Word for word, restate the records from their first line through the line with "#18=ORIENTED_EDGE('',*,*,#17,.F.);", both ends included; omit each picture.
▬▬▬▬▬▬▬▬▬▬
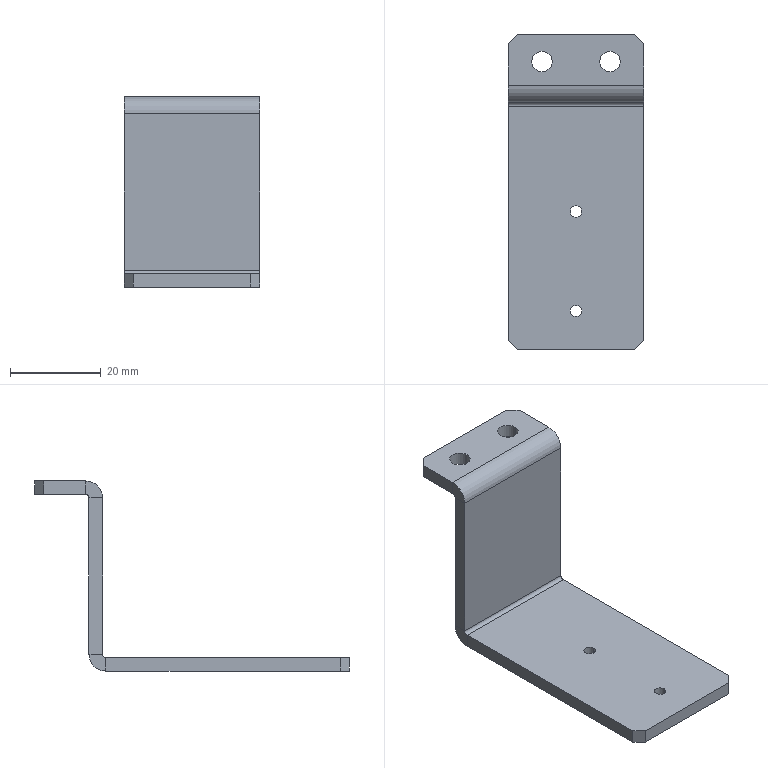Component | SolidWorks | SFTJ-07-DragChainBracket-1 | 1 solid | 34 faces | box 30 x 69.5 x 42 mm | volume 9443 mm3 | plane 22 | cylinder 12 | commonest cylinder face diameters 4.5 x4 2.5 x4 1.473 x2 7.473 x2 | material 201 Annealed Stainless Steel (SS)
STEP:
#1=COLOUR_RGB('',0.7922,0.8196,0.9333);
#2=FILL_AREA_STYLE_COLOUR('',#1);
#3=FILL_AREA_STYLE('',(#2));
#4=SURFACE_STYLE_FILL_AREA(#3);
#5=SURFACE_SIDE_STYLE('',(#4));
#6=SURFACE_STYLE_USAGE(.BOTH.,#5);
#7=PRESENTATION_STYLE_ASSIGNMENT((#6));
#8=CARTESIAN_POINT('',(-8.868,1.839,-2.615));
#9=VERTEX_POINT('',#8);
#10=CARTESIAN_POINT('',(-9.046,1.839,-2.615));
#11=VERTEX_POINT('',#10);
#12=CARTESIAN_POINT('',(-8.957,1.839,-2.615));
#13=DIRECTION('',(-0.,-0.,-1.));
#14=DIRECTION('',(-1.,0.,0.));
#15=AXIS2_PLACEMENT_3D('',#12,#13,#14);
#16=CIRCLE('',#15,0.08858);
#17=EDGE_CURVE('',#9,#11,#16,.T.);
#18=ORIENTED_EDGE('',*,*,#17,.F.);
#19=CARTESIAN_POINT('',(-8.868,1.839,-2.733));
#20=VERTEX_POINT('',#19);
#21=CARTESIAN_POINT('',(-8.868,1.839,-2.733));
#22=DIRECTION('',(-0.,-0.,-1.));
#23=VECTOR('',#22,39.37);
#24=LINE('',#21,#23);
#25=EDGE_CURVE('',#9,#20,#24,.T.);
#26=ORIENTED_EDGE('',*,*,#25,.T.);
#27=CARTESIAN_POINT('',(-9.046,1.839,-2.733));
#28=VERTEX_POINT('',#27);
#29=CARTESIAN_POINT('',(-8.957,1.839,-2.733));
#30=DIRECTION('',(-0.,-0.,-1.));
#31=DIRECTION('',(-1.,0.,0.));
#32=AXIS2_PLACEMENT_3D('',#29,#30,#31);
#33=CIRCLE('',#32,0.08858);
#34=EDGE_CURVE('',#20,#28,#33,.T.);
#35=ORIENTED_EDGE('',*,*,#34,.T.);
#36=CARTESIAN_POINT('',(-9.046,1.839,-2.733));
#37=DIRECTION('',(-0.,-0.,-1.));
#38=VECTOR('',#37,39.37);
#39=LINE('',#36,#38);
#40=EDGE_CURVE('',#11,#28,#39,.T.);
#41=ORIENTED_EDGE('',*,*,#40,.F.);
#42=EDGE_LOOP('',(#18,#26,#35,#41));
#43=FACE_OUTER_BOUND('',#42,.T.);
#44=CARTESIAN_POINT('',(-8.957,1.839,-2.733));
#45=DIRECTION('',(-0.,-0.,-1.));
#46=DIRECTION('',(-1.,0.,0.));
#47=AXIS2_PLACEMENT_3D('',#44,#45,#46);
#48=CYLINDRICAL_SURFACE('',#47,0.08858);
#49=ADVANCED_FACE('',(#43),#48,.F.);
#50=CARTESIAN_POINT('',(-9.459,1.839,-2.615));
#51=VERTEX_POINT('',#50);
#52=CARTESIAN_POINT('',(-9.636,1.839,-2.615));
#53=VERTEX_POINT('',#52);
#54=CARTESIAN_POINT('',(-9.548,1.839,-2.615));
#55=DIRECTION('',(-0.,-0.,-1.));
#56=DIRECTION('',(-1.,0.,0.));
#57=AXIS2_PLACEMENT_3D('',#54,#55,#56);
#58=CIRCLE('',#57,0.08858);
#59=EDGE_CURVE('',#51,#53,#58,.T.);
#60=ORIENTED_EDGE('',*,*,#59,.F.);
#61=CARTESIAN_POINT('',(-9.459,1.839,-2.733));
#62=VERTEX_POINT('',#61);
#63=CARTESIAN_POINT('',(-9.459,1.839,-2.733));
#64=DIRECTION('',(-0.,-0.,-1.));
#65=VECTOR('',#64,39.37);
#66=LINE('',#63,#65);
#67=EDGE_CURVE('',#51,#62,#66,.T.);
#68=ORIENTED_EDGE('',*,*,#67,.T.);
#69=CARTESIAN_POINT('',(-9.636,1.839,-2.733));
#70=VERTEX_POINT('',#69);
#71=CARTESIAN_POINT('',(-9.548,1.839,-2.733));
#72=DIRECTION('',(-0.,-0.,-1.));
#73=DIRECTION('',(-1.,0.,0.));
#74=AXIS2_PLACEMENT_3D('',#71,#72,#73);
#75=CIRCLE('',#74,0.08858);
#76=EDGE_CURVE('',#62,#70,#75,.T.);
#77=ORIENTED_EDGE('',*,*,#76,.T.);
#78=CARTESIAN_POINT('',(-9.636,1.839,-2.733));
#79=DIRECTION('',(-0.,-0.,-1.));
#80=VECTOR('',#79,39.37);
#81=LINE('',#78,#80);
#82=EDGE_CURVE('',#53,#70,#81,.T.);
#83=ORIENTED_EDGE('',*,*,#82,.F.);
#84=EDGE_LOOP('',(#60,#68,#77,#83));
#85=FACE_OUTER_BOUND('',#84,.T.);
#86=CARTESIAN_POINT('',(-9.548,1.839,-2.733));
#87=DIRECTION('',(-0.,-0.,-1.));
#88=DIRECTION('',(-1.,0.,0.));
#89=AXIS2_PLACEMENT_3D('',#86,#87,#88);
#90=CYLINDRICAL_SURFACE('',#89,0.08858);
#91=ADVANCED_FACE('',(#85),#90,.F.);
#92=CARTESIAN_POINT('',(-9.302,-0.326,-4.15));
#93=VERTEX_POINT('',#92);
#94=CARTESIAN_POINT('',(-9.203,-0.326,-4.15));
#95=VERTEX_POINT('',#94);
#96=CARTESIAN_POINT('',(-9.252,-0.326,-4.15));
#97=DIRECTION('',(0.,0.,1.));
#98=DIRECTION('',(0.,1.,0.));
#99=AXIS2_PLACEMENT_3D('',#96,#97,#98);
#100=CIRCLE('',#99,0.04921);
#101=EDGE_CURVE('',#93,#95,#100,.T.);
#102=ORIENTED_EDGE('',*,*,#101,.T.);
#103=CARTESIAN_POINT('',(-9.203,-0.326,-4.268));
#104=VERTEX_POINT('',#103);
#105=CARTESIAN_POINT('',(-9.203,-0.326,-4.268));
#106=DIRECTION('',(-0.,-0.,-1.));
#107=VECTOR('',#106,39.37);
#108=LINE('',#105,#107);
#109=EDGE_CURVE('',#95,#104,#108,.T.);
#110=ORIENTED_EDGE('',*,*,#109,.T.);
#111=CARTESIAN_POINT('',(-9.302,-0.326,-4.268));
#112=VERTEX_POINT('',#111);
#113=CARTESIAN_POINT('',(-9.252,-0.326,-4.268));
#114=DIRECTION('',(-0.,-0.,-1.));
#115=DIRECTION('',(-1.,0.,0.));
#116=AXIS2_PLACEMENT_3D('',#113,#114,#115);
#117=CIRCLE('',#116,0.04921);
#118=EDGE_CURVE('',#104,#112,#117,.T.);
#119=ORIENTED_EDGE('',*,*,#118,.T.);
#120=CARTESIAN_POINT('',(-9.302,-0.326,-4.268));
#121=DIRECTION('',(-0.,-0.,-1.));
#122=VECTOR('',#121,39.37);
#123=LINE('',#120,#122);
#124=EDGE_CURVE('',#93,#112,#123,.T.);
#125=ORIENTED_EDGE('',*,*,#124,.F.);
#126=EDGE_LOOP('',(#102,#110,#119,#125));
#127=FACE_OUTER_BOUND('',#126,.T.);
#128=CARTESIAN_POINT('',(-9.252,-0.326,-4.268));
#129=DIRECTION('',(-0.,-0.,-1.));
#130=DIRECTION('',(-1.,0.,0.));
#131=AXIS2_PLACEMENT_3D('',#128,#129,#130);
#132=CYLINDRICAL_SURFACE('',#131,0.04921);
#133=ADVANCED_FACE('',(#127),#132,.F.);
#134=CARTESIAN_POINT('',(-9.302,0.5402,-4.15));
#135=VERTEX_POINT('',#134);
#136=CARTESIAN_POINT('',(-9.203,0.5402,-4.15));
#137=VERTEX_POINT('',#136);
#138=CARTESIAN_POINT('',(-9.252,0.5402,-4.15));
#139=DIRECTION('',(0.,0.,1.));
#140=DIRECTION('',(0.,1.,0.));
#141=AXIS2_PLACEMENT_3D('',#138,#139,#140);
#142=CIRCLE('',#141,0.04921);
#143=EDGE_CURVE('',#135,#137,#142,.T.);
#144=ORIENTED_EDGE('',*,*,#143,.T.);
#145=CARTESIAN_POINT('',(-9.203,0.5402,-4.268));
#146=VERTEX_POINT('',#145);
#147=CARTESIAN_POINT('',(-9.203,0.5402,-4.268));
#148=DIRECTION('',(-0.,-0.,-1.));
#149=VECTOR('',#148,39.37);
#150=LINE('',#147,#149);
#151=EDGE_CURVE('',#137,#146,#150,.T.);
#152=ORIENTED_EDGE('',*,*,#151,.T.);
#153=CARTESIAN_POINT('',(-9.302,0.5402,-4.268));
#154=VERTEX_POINT('',#153);
#155=CARTESIAN_POINT('',(-9.252,0.5402,-4.268));
#156=DIRECTION('',(-0.,-0.,-1.));
#157=DIRECTION('',(-1.,0.,0.));
#158=AXIS2_PLACEMENT_3D('',#155,#156,#157);
#159=CIRCLE('',#158,0.04921);
#160=EDGE_CURVE('',#146,#154,#159,.T.);
#161=ORIENTED_EDGE('',*,*,#160,.T.);
#162=CARTESIAN_POINT('',(-9.302,0.5402,-4.268));
#163=DIRECTION('',(-0.,-0.,-1.));
#164=VECTOR('',#163,39.37);
#165=LINE('',#162,#164);
#166=EDGE_CURVE('',#135,#154,#165,.T.);
#167=ORIENTED_EDGE('',*,*,#166,.F.);
#168=EDGE_LOOP('',(#144,#152,#161,#167));
#169=FACE_OUTER_BOUND('',#168,.T.);
#170=CARTESIAN_POINT('',(-9.252,0.5402,-4.268));
#171=DIRECTION('',(-0.,-0.,-1.));
#172=DIRECTION('',(-1.,0.,0.));
#173=AXIS2_PLACEMENT_3D('',#170,#171,#172);
#174=CYLINDRICAL_SURFACE('',#173,0.04921);
#175=ADVANCED_FACE('',(#169),#174,.F.);
#176=CARTESIAN_POINT('',(-9.843,1.456,-4.15));
#177=VERTEX_POINT('',#176);
#178=CARTESIAN_POINT('',(-9.843,1.456,-4.268));
#179=VERTEX_POINT('',#178);
#180=CARTESIAN_POINT('',(-9.843,1.456,-4.15));
#181=DIRECTION('',(-0.,-0.,-1.));
#182=VECTOR('',#181,39.37);
#183=LINE('',#180,#182);
#184=EDGE_CURVE('',#177,#179,#183,.T.);
#185=ORIENTED_EDGE('',*,*,#184,.F.);
#186=CARTESIAN_POINT('',(-9.843,1.485,-4.121));
#187=VERTEX_POINT('',#186);
#188=CARTESIAN_POINT('',(-9.843,1.456,-4.121));
#189=DIRECTION('',(-1.,0.,0.));
#190=DIRECTION('',(0.,1.,0.));
#191=AXIS2_PLACEMENT_3D('',#188,#189,#190);
#192=CIRCLE('',#191,0.029);
#193=EDGE_CURVE('',#187,#177,#192,.T.);
#194=ORIENTED_EDGE('',*,*,#193,.F.);
#195=CARTESIAN_POINT('',(-9.843,1.603,-4.121));
#196=VERTEX_POINT('',#195);
#197=CARTESIAN_POINT('',(-9.843,1.603,-4.121));
#198=DIRECTION('',(-0.,-1.,0.));
#199=VECTOR('',#198,39.37);
#200=LINE('',#197,#199);
#201=EDGE_CURVE('',#196,#187,#200,.T.);
#202=ORIENTED_EDGE('',*,*,#201,.F.);
#203=CARTESIAN_POINT('',(-9.843,1.456,-4.121));
#204=DIRECTION('',(-1.,0.,0.));
#205=DIRECTION('',(0.,1.,0.));
#206=AXIS2_PLACEMENT_3D('',#203,#204,#205);
#207=CIRCLE('',#206,0.1471);
#208=EDGE_CURVE('',#196,#179,#207,.T.);
#209=ORIENTED_EDGE('',*,*,#208,.T.);
#210=EDGE_LOOP('',(#185,#194,#202,#209));
#211=FACE_OUTER_BOUND('',#210,.T.);
#212=CARTESIAN_POINT('',(-9.843,1.456,-4.15));
#213=DIRECTION('',(-1.,0.,0.));
#214=DIRECTION('',(0.,1.,-0.));
#215=AXIS2_PLACEMENT_3D('',#212,#213,#214);
#216=PLANE('',#215);
#217=ADVANCED_FACE('',(#211),#216,.T.);
#218=CARTESIAN_POINT('',(-9.843,-0.5819,-4.268));
#219=VERTEX_POINT('',#218);
#220=CARTESIAN_POINT('',(-9.843,1.485,-4.268));
#221=DIRECTION('',(-0.,-1.,0.));
#222=VECTOR('',#221,39.37);
#223=LINE('',#220,#222);
#224=EDGE_CURVE('',#179,#219,#223,.T.);
#225=ORIENTED_EDGE('',*,*,#224,.T.);
#226=CARTESIAN_POINT('',(-9.843,-0.5819,-4.15));
#227=VERTEX_POINT('',#226);
#228=CARTESIAN_POINT('',(-9.843,-0.5819,-4.121));
#229=DIRECTION('',(0.,0.,1.));
#230=VECTOR('',#229,39.37);
#231=LINE('',#228,#230);
#232=EDGE_CURVE('',#219,#227,#231,.T.);
#233=ORIENTED_EDGE('',*,*,#232,.T.);
#234=CARTESIAN_POINT('',(-9.843,1.485,-4.15));
#235=DIRECTION('',(-0.,-1.,0.));
#236=VECTOR('',#235,39.37);
#237=LINE('',#234,#236);
#238=EDGE_CURVE('',#177,#227,#237,.T.);
#239=ORIENTED_EDGE('',*,*,#238,.F.);
#240=ORIENTED_EDGE('',*,*,#184,.T.);
#241=EDGE_LOOP('',(#225,#233,#239,#240));
#242=FACE_OUTER_BOUND('',#241,.T.);
#243=CARTESIAN_POINT('',(-9.843,1.603,-4.121));
#244=DIRECTION('',(-1.,0.,0.));
#245=DIRECTION('',(0.,1.,-0.));
#246=AXIS2_PLACEMENT_3D('',#243,#244,#245);
#247=PLANE('',#246);
#248=ADVANCED_FACE('',(#242),#247,.T.);
#249=CARTESIAN_POINT('',(-8.662,1.485,-4.121));
#250=VERTEX_POINT('',#249);
#251=CARTESIAN_POINT('',(-8.662,1.603,-4.121));
#252=VERTEX_POINT('',#251);
#253=CARTESIAN_POINT('',(-8.662,1.485,-4.121));
#254=DIRECTION('',(0.,1.,-0.));
#255=VECTOR('',#254,39.37);
#256=LINE('',#253,#255);
#257=EDGE_CURVE('',#250,#252,#256,.T.);
#258=ORIENTED_EDGE('',*,*,#257,.F.);
#259=CARTESIAN_POINT('',(-8.662,1.456,-4.15));
#260=VERTEX_POINT('',#259);
#261=CARTESIAN_POINT('',(-8.662,1.456,-4.121));
#262=DIRECTION('',(-1.,0.,0.));
#263=DIRECTION('',(0.,1.,0.));
#264=AXIS2_PLACEMENT_3D('',#261,#262,#263);
#265=CIRCLE('',#264,0.029);
#266=EDGE_CURVE('',#250,#260,#265,.T.);
#267=ORIENTED_EDGE('',*,*,#266,.T.);
#268=CARTESIAN_POINT('',(-8.662,1.456,-4.268));
#269=VERTEX_POINT('',#268);
#270=CARTESIAN_POINT('',(-8.662,1.456,-4.268));
#271=DIRECTION('',(0.,0.,1.));
#272=VECTOR('',#271,39.37);
#273=LINE('',#270,#272);
#274=EDGE_CURVE('',#269,#260,#273,.T.);
#275=ORIENTED_EDGE('',*,*,#274,.F.);
#276=CARTESIAN_POINT('',(-8.662,1.456,-4.121));
#277=DIRECTION('',(-1.,0.,0.));
#278=DIRECTION('',(0.,1.,0.));
#279=AXIS2_PLACEMENT_3D('',#276,#277,#278);
#280=CIRCLE('',#279,0.1471);
#281=EDGE_CURVE('',#252,#269,#280,.T.);
#282=ORIENTED_EDGE('',*,*,#281,.F.);
#283=EDGE_LOOP('',(#258,#267,#275,#282));
#284=FACE_OUTER_BOUND('',#283,.T.);
#285=CARTESIAN_POINT('',(-8.662,1.485,-4.121));
#286=DIRECTION('',(1.,-0.,-0.));
#287=DIRECTION('',(-0.,-1.,0.));
#288=AXIS2_PLACEMENT_3D('',#285,#286,#287);
#289=PLANE('',#288);
#290=ADVANCED_FACE('',(#284),#289,.T.);
#291=CARTESIAN_POINT('',(-8.662,1.485,-2.762));
#292=VERTEX_POINT('',#291);
#293=CARTESIAN_POINT('',(-8.662,1.485,-2.615));
#294=DIRECTION('',(-0.,-0.,-1.));
#295=VECTOR('',#294,39.37);
#296=LINE('',#293,#295);
#297=EDGE_CURVE('',#292,#250,#296,.T.);
#298=ORIENTED_EDGE('',*,*,#297,.T.);
#299=ORIENTED_EDGE('',*,*,#257,.T.);
#300=CARTESIAN_POINT('',(-8.662,1.603,-2.762));
#301=VERTEX_POINT('',#300);
#302=CARTESIAN_POINT('',(-8.662,1.603,-2.615));
#303=DIRECTION('',(-0.,-0.,-1.));
#304=VECTOR('',#303,39.37);
#305=LINE('',#302,#304);
#306=EDGE_CURVE('',#301,#252,#305,.T.);
#307=ORIENTED_EDGE('',*,*,#306,.F.);
#308=CARTESIAN_POINT('',(-8.662,1.603,-2.762));
#309=DIRECTION('',(-0.,-1.,0.));
#310=VECTOR('',#309,39.37);
#311=LINE('',#308,#310);
#312=EDGE_CURVE('',#301,#292,#311,.T.);
#313=ORIENTED_EDGE('',*,*,#312,.T.);
#314=EDGE_LOOP('',(#298,#299,#307,#313));
#315=FACE_OUTER_BOUND('',#314,.T.);
#316=CARTESIAN_POINT('',(-8.662,1.456,-4.268));
#317=DIRECTION('',(1.,-0.,-0.));
#318=DIRECTION('',(-0.,-1.,0.));
#319=AXIS2_PLACEMENT_3D('',#316,#317,#318);
#320=PLANE('',#319);
#321=ADVANCED_FACE('',(#315),#320,.T.);
#322=CARTESIAN_POINT('',(-9.843,1.485,-2.762));
#323=VERTEX_POINT('',#322);
#324=CARTESIAN_POINT('',(-9.843,1.603,-2.762));
#325=VERTEX_POINT('',#324);
#326=CARTESIAN_POINT('',(-9.843,1.485,-2.762));
#327=DIRECTION('',(0.,1.,-0.));
#328=VECTOR('',#327,39.37);
#329=LINE('',#326,#328);
#330=EDGE_CURVE('',#323,#325,#329,.T.);
#331=ORIENTED_EDGE('',*,*,#330,.F.);
#332=CARTESIAN_POINT('',(-9.843,1.632,-2.615));
#333=VERTEX_POINT('',#332);
#334=CARTESIAN_POINT('',(-9.843,1.632,-2.762));
#335=DIRECTION('',(1.,-0.,-0.));
#336=DIRECTION('',(0.,-1.,0.));
#337=AXIS2_PLACEMENT_3D('',#334,#335,#336);
#338=CIRCLE('',#337,0.1471);
#339=EDGE_CURVE('',#333,#323,#338,.T.);
#340=ORIENTED_EDGE('',*,*,#339,.F.);
#341=CARTESIAN_POINT('',(-9.843,1.632,-2.733));
#342=VERTEX_POINT('',#341);
#343=CARTESIAN_POINT('',(-9.843,1.632,-2.733));
#344=DIRECTION('',(0.,0.,1.));
#345=VECTOR('',#344,39.37);
#346=LINE('',#343,#345);
#347=EDGE_CURVE('',#342,#333,#346,.T.);
#348=ORIENTED_EDGE('',*,*,#347,.F.);
#349=CARTESIAN_POINT('',(-9.843,1.632,-2.762));
#350=DIRECTION('',(1.,-0.,-0.));
#351=DIRECTION('',(0.,1.,0.));
#352=AXIS2_PLACEMENT_3D('',#349,#350,#351);
#353=CIRCLE('',#352,0.029);
#354=EDGE_CURVE('',#342,#325,#353,.T.);
#355=ORIENTED_EDGE('',*,*,#354,.T.);
#356=EDGE_LOOP('',(#331,#340,#348,#355));
#357=FACE_OUTER_BOUND('',#356,.T.);
#358=CARTESIAN_POINT('',(-9.843,1.485,-2.762));
#359=DIRECTION('',(-1.,0.,0.));
#360=DIRECTION('',(0.,1.,-0.));
#361=AXIS2_PLACEMENT_3D('',#358,#359,#360);
#362=PLANE('',#361);
#363=ADVANCED_FACE('',(#357),#362,.T.);
#364=CARTESIAN_POINT('',(-9.843,1.485,-2.615));
#365=DIRECTION('',(-0.,-0.,-1.));
#366=VECTOR('',#365,39.37);
#367=LINE('',#364,#366);
#368=EDGE_CURVE('',#323,#187,#367,.T.);
#369=ORIENTED_EDGE('',*,*,#368,.F.);
#370=ORIENTED_EDGE('',*,*,#330,.T.);
#371=CARTESIAN_POINT('',(-9.843,1.603,-2.615));
#372=DIRECTION('',(-0.,-0.,-1.));
#373=VECTOR('',#372,39.37);
#374=LINE('',#371,#373);
#375=EDGE_CURVE('',#325,#196,#374,.T.);
#376=ORIENTED_EDGE('',*,*,#375,.T.);
#377=ORIENTED_EDGE('',*,*,#201,.T.);
#378=EDGE_LOOP('',(#369,#370,#376,#377));
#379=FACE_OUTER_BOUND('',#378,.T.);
▬▬▬▬▬▬▬▬▬▬
--- OUTPUT FOR THIS EXERCISE ---
Component | SolidWorks | SFTJ-07-DragChainBracket-1 | 1 solid | 34 faces | box 30 x 69.5 x 42 mm | volume 9443 mm3 | plane 22 | cylinder 12 | commonest cylinder face diameters 4.5 x4 2.5 x4 1.473 x2 7.473 x2 | material 201 Annealed Stainless Steel (SS)
STEP:
#1=COLOUR_RGB('',0.7922,0.8196,0.9333);
#2=FILL_AREA_STYLE_COLOUR('',#1);
#3=FILL_AREA_STYLE('',(#2));
#4=SURFACE_STYLE_FILL_AREA(#3);
#5=SURFACE_SIDE_STYLE('',(#4));
#6=SURFACE_STYLE_USAGE(.BOTH.,#5);
#7=PRESENTATION_STYLE_ASSIGNMENT((#6));
#8=CARTESIAN_POINT('',(-8.868,1.839,-2.615));
#9=VERTEX_POINT('',#8);
#10=CARTESIAN_POINT('',(-9.046,1.839,-2.615));
#11=VERTEX_POINT('',#10);
#12=CARTESIAN_POINT('',(-8.957,1.839,-2.615));
#13=DIRECTION('',(-0.,-0.,-1.));
#14=DIRECTION('',(-1.,0.,0.));
#15=AXIS2_PLACEMENT_3D('',#12,#13,#14);
#16=CIRCLE('',#15,0.08858);
#17=EDGE_CURVE('',#9,#11,#16,.T.);
#18=ORIENTED_EDGE('',*,*,#17,.F.);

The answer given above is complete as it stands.